• **What is being asked**
The listing beneath should be written out in full, exactly as shown.

• **Records provided**
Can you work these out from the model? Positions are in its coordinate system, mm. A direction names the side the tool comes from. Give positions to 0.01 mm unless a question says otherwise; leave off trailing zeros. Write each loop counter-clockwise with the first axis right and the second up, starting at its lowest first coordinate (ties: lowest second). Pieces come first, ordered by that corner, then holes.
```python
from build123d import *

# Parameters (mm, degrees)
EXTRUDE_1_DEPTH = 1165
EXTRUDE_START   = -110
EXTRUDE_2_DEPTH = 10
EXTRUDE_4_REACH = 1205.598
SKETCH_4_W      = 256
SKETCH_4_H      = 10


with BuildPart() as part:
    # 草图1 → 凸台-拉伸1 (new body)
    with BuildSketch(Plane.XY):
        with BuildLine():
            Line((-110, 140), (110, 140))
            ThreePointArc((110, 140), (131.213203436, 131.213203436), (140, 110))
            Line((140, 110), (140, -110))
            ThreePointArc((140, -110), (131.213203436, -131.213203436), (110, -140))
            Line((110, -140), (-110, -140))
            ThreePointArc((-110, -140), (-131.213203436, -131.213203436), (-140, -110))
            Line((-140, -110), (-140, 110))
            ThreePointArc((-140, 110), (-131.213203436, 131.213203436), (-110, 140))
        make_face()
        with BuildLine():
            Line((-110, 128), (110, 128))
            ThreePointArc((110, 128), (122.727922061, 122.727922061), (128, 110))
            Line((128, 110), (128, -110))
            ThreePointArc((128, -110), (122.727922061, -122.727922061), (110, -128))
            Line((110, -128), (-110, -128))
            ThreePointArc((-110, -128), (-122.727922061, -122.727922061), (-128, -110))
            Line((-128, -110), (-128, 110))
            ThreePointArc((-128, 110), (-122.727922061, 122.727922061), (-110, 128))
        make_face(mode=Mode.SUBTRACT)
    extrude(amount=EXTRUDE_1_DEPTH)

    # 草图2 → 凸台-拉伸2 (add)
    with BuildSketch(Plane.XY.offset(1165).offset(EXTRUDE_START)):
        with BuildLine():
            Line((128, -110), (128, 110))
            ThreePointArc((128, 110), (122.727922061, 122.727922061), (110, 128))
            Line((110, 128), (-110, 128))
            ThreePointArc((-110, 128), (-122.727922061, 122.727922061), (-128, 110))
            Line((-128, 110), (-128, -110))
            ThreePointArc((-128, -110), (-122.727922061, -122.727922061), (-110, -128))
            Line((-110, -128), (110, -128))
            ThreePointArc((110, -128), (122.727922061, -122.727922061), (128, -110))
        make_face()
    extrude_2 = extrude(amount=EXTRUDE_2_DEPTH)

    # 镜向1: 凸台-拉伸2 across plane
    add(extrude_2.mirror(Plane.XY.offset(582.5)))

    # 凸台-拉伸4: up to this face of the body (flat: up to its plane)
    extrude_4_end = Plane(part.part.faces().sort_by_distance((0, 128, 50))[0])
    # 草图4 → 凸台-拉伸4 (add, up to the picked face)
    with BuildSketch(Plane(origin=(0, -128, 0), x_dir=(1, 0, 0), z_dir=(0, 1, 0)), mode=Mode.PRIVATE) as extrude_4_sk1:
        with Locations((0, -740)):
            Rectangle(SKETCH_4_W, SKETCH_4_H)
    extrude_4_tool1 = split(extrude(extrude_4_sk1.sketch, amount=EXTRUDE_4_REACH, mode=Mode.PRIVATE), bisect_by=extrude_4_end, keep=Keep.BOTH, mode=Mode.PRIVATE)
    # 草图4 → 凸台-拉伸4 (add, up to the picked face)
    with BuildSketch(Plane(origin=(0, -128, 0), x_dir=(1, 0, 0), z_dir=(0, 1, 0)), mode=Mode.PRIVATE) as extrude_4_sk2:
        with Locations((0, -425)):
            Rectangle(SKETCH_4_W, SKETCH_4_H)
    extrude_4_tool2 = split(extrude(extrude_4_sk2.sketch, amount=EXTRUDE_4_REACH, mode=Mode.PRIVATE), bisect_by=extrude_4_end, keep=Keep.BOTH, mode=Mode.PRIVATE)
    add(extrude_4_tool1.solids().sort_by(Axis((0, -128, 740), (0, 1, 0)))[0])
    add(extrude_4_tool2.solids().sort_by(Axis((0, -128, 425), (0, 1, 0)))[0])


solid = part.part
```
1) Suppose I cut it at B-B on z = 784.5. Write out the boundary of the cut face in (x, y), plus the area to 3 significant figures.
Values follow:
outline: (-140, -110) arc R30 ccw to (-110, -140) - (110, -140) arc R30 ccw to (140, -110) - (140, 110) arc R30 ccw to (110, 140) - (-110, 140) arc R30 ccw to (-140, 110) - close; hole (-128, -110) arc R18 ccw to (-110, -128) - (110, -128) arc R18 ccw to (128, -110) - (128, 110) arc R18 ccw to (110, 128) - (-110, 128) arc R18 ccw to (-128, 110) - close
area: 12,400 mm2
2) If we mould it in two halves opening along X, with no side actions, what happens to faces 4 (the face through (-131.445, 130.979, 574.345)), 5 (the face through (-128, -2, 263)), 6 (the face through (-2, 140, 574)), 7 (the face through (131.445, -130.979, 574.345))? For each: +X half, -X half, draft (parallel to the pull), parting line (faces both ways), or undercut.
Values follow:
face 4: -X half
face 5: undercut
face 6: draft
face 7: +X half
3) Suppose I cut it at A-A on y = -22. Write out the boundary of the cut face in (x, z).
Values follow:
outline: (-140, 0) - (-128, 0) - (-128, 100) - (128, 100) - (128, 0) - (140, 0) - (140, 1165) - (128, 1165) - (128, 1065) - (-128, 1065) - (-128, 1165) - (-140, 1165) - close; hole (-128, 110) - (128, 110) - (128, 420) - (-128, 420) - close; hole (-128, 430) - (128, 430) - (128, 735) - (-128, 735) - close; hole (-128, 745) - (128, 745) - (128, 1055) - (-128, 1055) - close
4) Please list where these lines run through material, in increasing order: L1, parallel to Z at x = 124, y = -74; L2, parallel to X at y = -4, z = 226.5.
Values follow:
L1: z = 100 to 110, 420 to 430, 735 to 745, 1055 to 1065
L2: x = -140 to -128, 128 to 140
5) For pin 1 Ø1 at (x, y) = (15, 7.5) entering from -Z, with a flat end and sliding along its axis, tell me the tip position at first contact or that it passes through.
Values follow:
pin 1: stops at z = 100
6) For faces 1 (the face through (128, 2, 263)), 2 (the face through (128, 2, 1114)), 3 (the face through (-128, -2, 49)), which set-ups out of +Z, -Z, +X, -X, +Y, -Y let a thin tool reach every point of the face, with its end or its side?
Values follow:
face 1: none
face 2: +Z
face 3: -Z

• **Problem solution**
Can you work these out from the model? Positions are in its coordinate system, mm. A direction names the side the tool comes from. Give positions to 0.01 mm unless a question says otherwise; leave off trailing zeros. Write each loop counter-clockwise with the first axis right and the second up, starting at its lowest first coordinate (ties: lowest second). Pieces come first, ordered by that corner, then holes.
```python
from build123d import *

# Parameters (mm, degrees)
EXTRUDE_1_DEPTH = 1165
EXTRUDE_START   = -110
EXTRUDE_2_DEPTH = 10
EXTRUDE_4_REACH = 1205.598
SKETCH_4_W      = 256
SKETCH_4_H      = 10


with BuildPart() as part:
    # 草图1 → 凸台-拉伸1 (new body)
    with BuildSketch(Plane.XY):
        with BuildLine():
            Line((-110, 140), (110, 140))
            ThreePointArc((110, 140), (131.213203436, 131.213203436), (140, 110))
            Line((140, 110), (140, -110))
            ThreePointArc((140, -110), (131.213203436, -131.213203436), (110, -140))
            Line((110, -140), (-110, -140))
            ThreePointArc((-110, -140), (-131.213203436, -131.213203436), (-140, -110))
            Line((-140, -110), (-140, 110))
            ThreePointArc((-140, 110), (-131.213203436, 131.213203436), (-110, 140))
        make_face()
        with BuildLine():
            Line((-110, 128), (110, 128))
            ThreePointArc((110, 128), (122.727922061, 122.727922061), (128, 110))
            Line((128, 110), (128, -110))
            ThreePointArc((128, -110), (122.727922061, -122.727922061), (110, -128))
            Line((110, -128), (-110, -128))
            ThreePointArc((-110, -128), (-122.727922061, -122.727922061), (-128, -110))
            Line((-128, -110), (-128, 110))
            ThreePointArc((-128, 110), (-122.727922061, 122.727922061), (-110, 128))
        make_face(mode=Mode.SUBTRACT)
    extrude(amount=EXTRUDE_1_DEPTH)

    # 草图2 → 凸台-拉伸2 (add)
    with BuildSketch(Plane.XY.offset(1165).offset(EXTRUDE_START)):
        with BuildLine():
            Line((128, -110), (128, 110))
            ThreePointArc((128, 110), (122.727922061, 122.727922061), (110, 128))
            Line((110, 128), (-110, 128))
            ThreePointArc((-110, 128), (-122.727922061, 122.727922061), (-128, 110))
            Line((-128, 110), (-128, -110))
            ThreePointArc((-128, -110), (-122.727922061, -122.727922061), (-110, -128))
            Line((-110, -128), (110, -128))
            ThreePointArc((110, -128), (122.727922061, -122.727922061), (128, -110))
        make_face()
    extrude_2 = extrude(amount=EXTRUDE_2_DEPTH)

    # 镜向1: 凸台-拉伸2 across plane
    add(extrude_2.mirror(Plane.XY.offset(582.5)))

    # 凸台-拉伸4: up to this face of the body (flat: up to its plane)
    extrude_4_end = Plane(part.part.faces().sort_by_distance((0, 128, 50))[0])
    # 草图4 → 凸台-拉伸4 (add, up to the picked face)
    with BuildSketch(Plane(origin=(0, -128, 0), x_dir=(1, 0, 0), z_dir=(0, 1, 0)), mode=Mode.PRIVATE) as extrude_4_sk1:
        with Locations((0, -740)):
            Rectangle(SKETCH_4_W, SKETCH_4_H)
    extrude_4_tool1 = split(extrude(extrude_4_sk1.sketch, amount=EXTRUDE_4_REACH, mode=Mode.PRIVATE), bisect_by=extrude_4_end, keep=Keep.BOTH, mode=Mode.PRIVATE)
    # 草图4 → 凸台-拉伸4 (add, up to the picked face)
    with BuildSketch(Plane(origin=(0, -128, 0), x_dir=(1, 0, 0), z_dir=(0, 1, 0)), mode=Mode.PRIVATE) as extrude_4_sk2:
        with Locations((0, -425)):
            Rectangle(SKETCH_4_W, SKETCH_4_H)
    extrude_4_tool2 = split(extrude(extrude_4_sk2.sketch, amount=EXTRUDE_4_REACH, mode=Mode.PRIVATE), bisect_by=extrude_4_end, keep=Keep.BOTH, mode=Mode.PRIVATE)
    add(extrude_4_tool1.solids().sort_by(Axis((0, -128, 740), (0, 1, 0)))[0])
    add(extrude_4_tool2.solids().sort_by(Axis((0, -128, 425), (0, 1, 0)))[0])


solid = part.part
```
1) Suppose I cut it at B-B on z = 784.5. Write out the boundary of the cut face in (x, y), plus the area to 3 significant figures.
Values follow:
outline: (-140, -110) arc R30 ccw to (-110, -140) - (110, -140) arc R30 ccw to (140, -110) - (140, 110) arc R30 ccw to (110, 140) - (-110, 140) arc R30 ccw to (-140, 110) - close; hole (-128, -110) arc R18 ccw to (-110, -128) - (110, -128) arc R18 ccw to (128, -110) - (128, 110) arc R18 ccw to (110, 128) - (-110, 128) arc R18 ccw to (-128, 110) - close
area: 12,400 mm2
2) If we mould it in two halves opening along X, with no side actions, what happens to faces 4 (the face through (-131.445, 130.979, 574.345)), 5 (the face through (-128, -2, 263)), 6 (the face through (-2, 140, 574)), 7 (the face through (131.445, -130.979, 574.345))? For each: +X half, -X half, draft (parallel to the pull), parting line (faces both ways), or undercut.
Values follow:
face 4: -X half
face 5: undercut
face 6: draft
face 7: +X half
3) Suppose I cut it at A-A on y = -22. Write out the boundary of the cut face in (x, z).
Values follow:
outline: (-140, 0) - (-128, 0) - (-128, 100) - (128, 100) - (128, 0) - (140, 0) - (140, 1165) - (128, 1165) - (128, 1065) - (-128, 1065) - (-128, 1165) - (-140, 1165) - close; hole (-128, 110) - (128, 110) - (128, 420) - (-128, 420) - close; hole (-128, 430) - (128, 430) - (128, 735) - (-128, 735) - close; hole (-128, 745) - (128, 745) - (128, 1055) - (-128, 1055) - close
4) Please list where these lines run through material, in increasing order: L1, parallel to Z at x = 124, y = -74; L2, parallel to X at y = -4, z = 226.5.
Values follow:
L1: z = 100 to 110, 420 to 430, 735 to 745, 1055 to 1065
L2: x = -140 to -128, 128 to 140
5) For pin 1 Ø1 at (x, y) = (15, 7.5) entering from -Z, with a flat end and sliding along its axis, tell me the tip position at first contact or that it passes through.
Values follow:
pin 1: stops at z = 100
6) For faces 1 (the face through (128, 2, 263)), 2 (the face through (128, 2, 1114)), 3 (the face through (-128, -2, 49)), which set-ups out of +Z, -Z, +X, -X, +Y, -Y let a thin tool reach every point of the face, with its end or its side?
Values follow:
face 1: none
face 2: +Z
face 3: -Z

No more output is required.